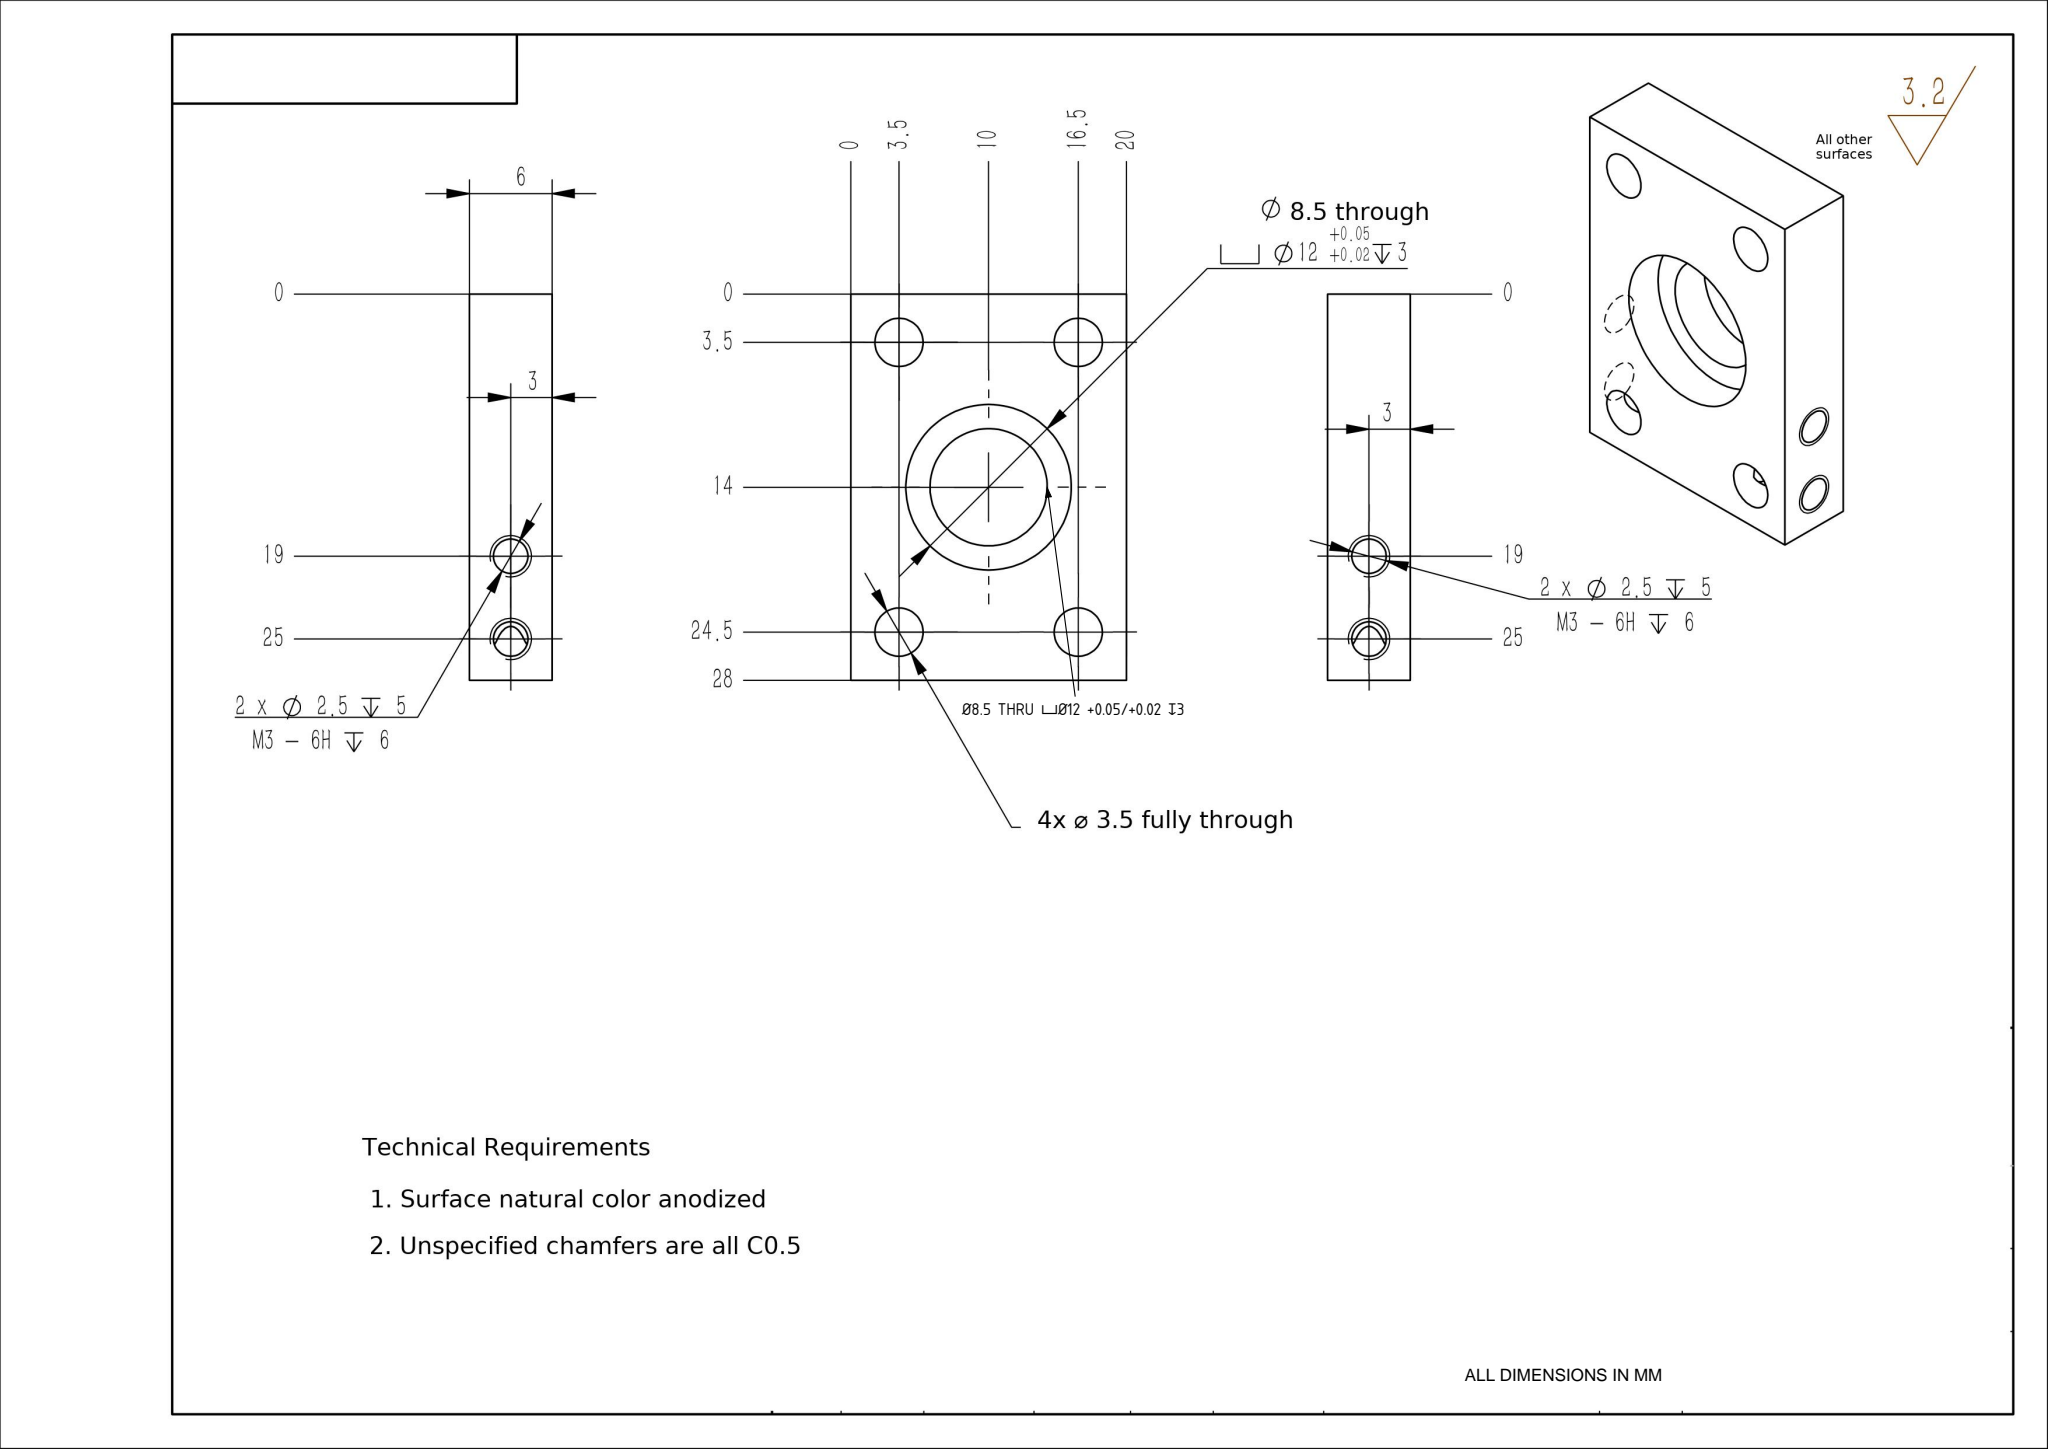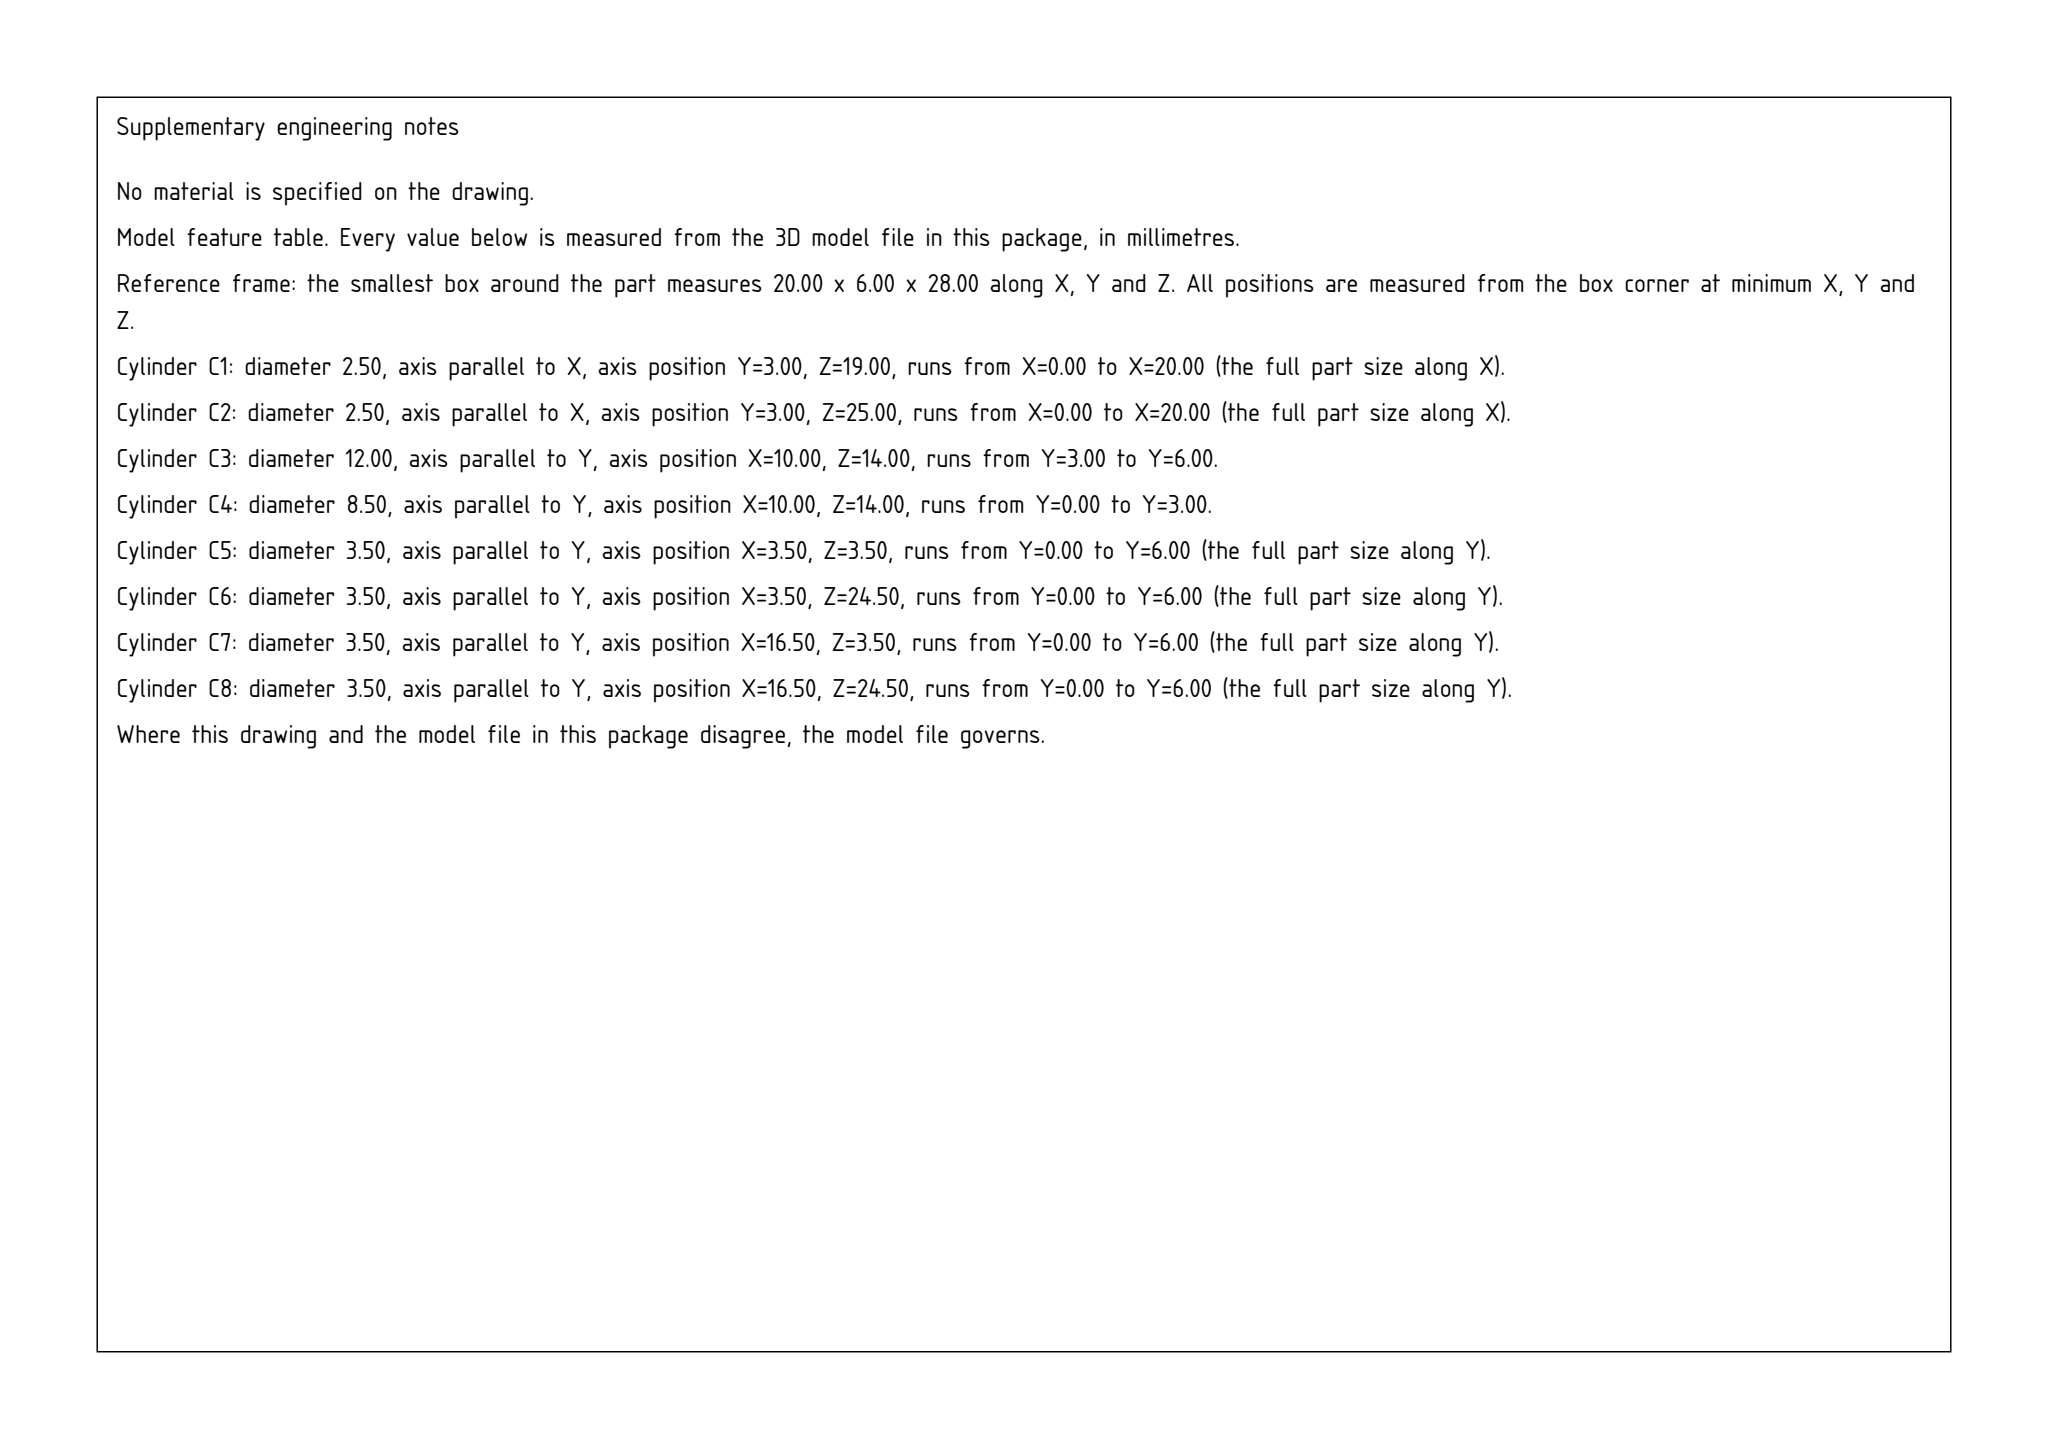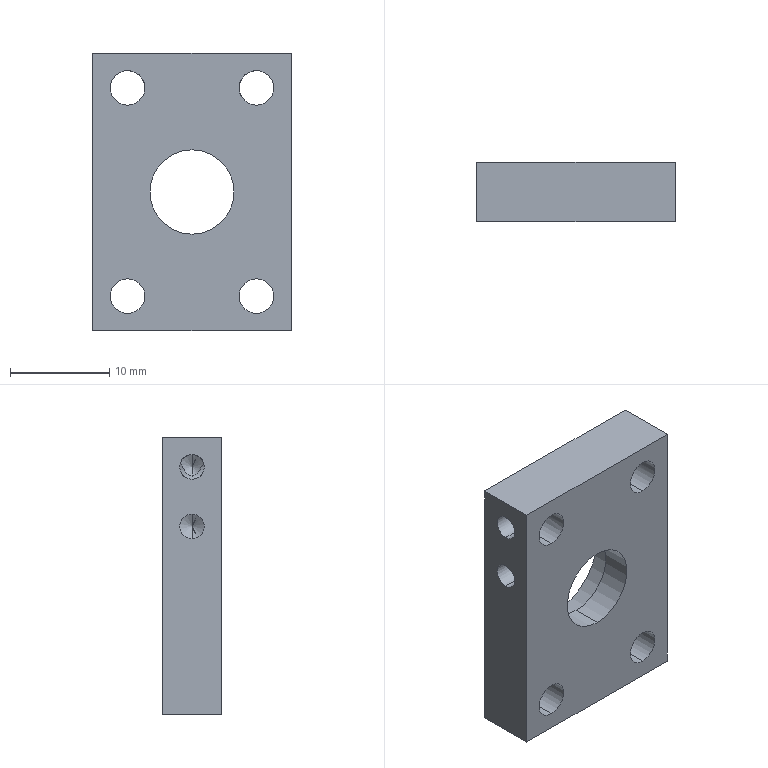Part | SolidWorks | mm | 1 solid | 38 faces | box 20 x 6 x 28 mm | volume 2546 mm3 | cylinder 23 | cone 8 | plane 7 | commonest cylinder face diameters 2.5 x11 3.5 x8 8.5 x2 12 x2
Drawing notes:
Ø8.5 THRU, CBORE Ø12 +0.05/+0.02 DP 3 | from the solid: cyl dia 8.5 axis y len 6 thru at (10,14); cyl dia 12 axis y len 3 at (10,14)
build123d program:
from build123d import *

# Parameters (mm, degrees)
SKETCH1_W                  = 20
SKETCH1_H                  = 28
BOSS_EXTRUDE1_DEPTH        = 6
SKETCH2_R                  = 6
CUT_EXTRUDE1_DEPTH         = 3
SKETCH3_R                  = 4.25
CUT_EXTRUDE2_DEPTH         = 18.464
F_3_5_3_5_DIAMETER_HOLE1_D = 3.5
M3_TAPPED_HOLE1_D          = 2.5
M3_TAPPED_HOLE1_DEPTH      = 5
M3_TAPPED_HOLE1_TIP        = 0.7511
M3_TAPPED_HOLE2_D          = 2.5
M3_TAPPED_HOLE2_DEPTH      = 5
M3_TAPPED_HOLE2_TIP        = 0.7511


with BuildPart() as part:
    # Sketch1 → Boss-Extrude1 (new body)
    with BuildSketch(Plane(origin=(0, 0, 0), x_dir=(1, 0, 0), z_dir=(0, 1, 0))):
        Rectangle(SKETCH1_W, SKETCH1_H)
    extrude(amount=BOSS_EXTRUDE1_DEPTH)

    # Sketch2 → Cut-Extrude1 (cut)
    with BuildSketch(Plane(origin=(0, 6, 0), x_dir=(1, 0, 0), z_dir=(0, 1, 0))):
        with Locations(Location((0, 0, 0), (0, 0, 270))):
            Circle(SKETCH2_R)
    extrude(amount=-CUT_EXTRUDE1_DEPTH, mode=Mode.SUBTRACT)

    # Sketch3 → Cut-Extrude2 (cut, through all)
    with BuildSketch(Plane(origin=(0, 3, 0), x_dir=(1, 0, 0), z_dir=(0, 1, 0))):
        with Locations(Location((0, 0, 0), (0, 0, 270))):
            Circle(SKETCH3_R)
    extrude(amount=-CUT_EXTRUDE2_DEPTH, mode=Mode.SUBTRACT)

    # 3.5 _3.5_ Diameter Hole1 (through all)
    with Locations(Plane(origin=(0, 0, 0), x_dir=(-1, 0, 0), z_dir=(0, -1, 0))):
        with Locations((-6.5, -10.5), (-6.5, 10.5), (6.5, 10.5), (6.5, -10.5)):
            Hole(F_3_5_3_5_DIAMETER_HOLE1_D / 2)

    # M3 Tapped Hole1
    with Locations(Plane.ZY.offset(10)):
        with Locations((11, 3), (5, 3)):
            Hole(M3_TAPPED_HOLE1_D / 2, depth=M3_TAPPED_HOLE1_DEPTH)
            with Locations((0, 0, -(M3_TAPPED_HOLE1_DEPTH + M3_TAPPED_HOLE1_TIP / 2))):  # 118° drill point
                Cone(0, M3_TAPPED_HOLE1_D / 2, M3_TAPPED_HOLE1_TIP, mode=Mode.SUBTRACT)

    # M3 Tapped Hole2
    with Locations(Plane(origin=(10, 0, 0), x_dir=(0, 0, -1), z_dir=(1, 0, 0))):
        with Locations((-5, 3), (-11, 3)):
            Hole(M3_TAPPED_HOLE2_D / 2, depth=M3_TAPPED_HOLE2_DEPTH)
            with Locations((0, 0, -(M3_TAPPED_HOLE2_DEPTH + M3_TAPPED_HOLE2_TIP / 2))):  # 118° drill point
                Cone(0, M3_TAPPED_HOLE2_D / 2, M3_TAPPED_HOLE2_TIP, mode=Mode.SUBTRACT)


solid = part.part

——

### About this exercise
Looking at the entries above, work out how many lines contain the word "amount", then reply with only that figure.

### Expected answer
3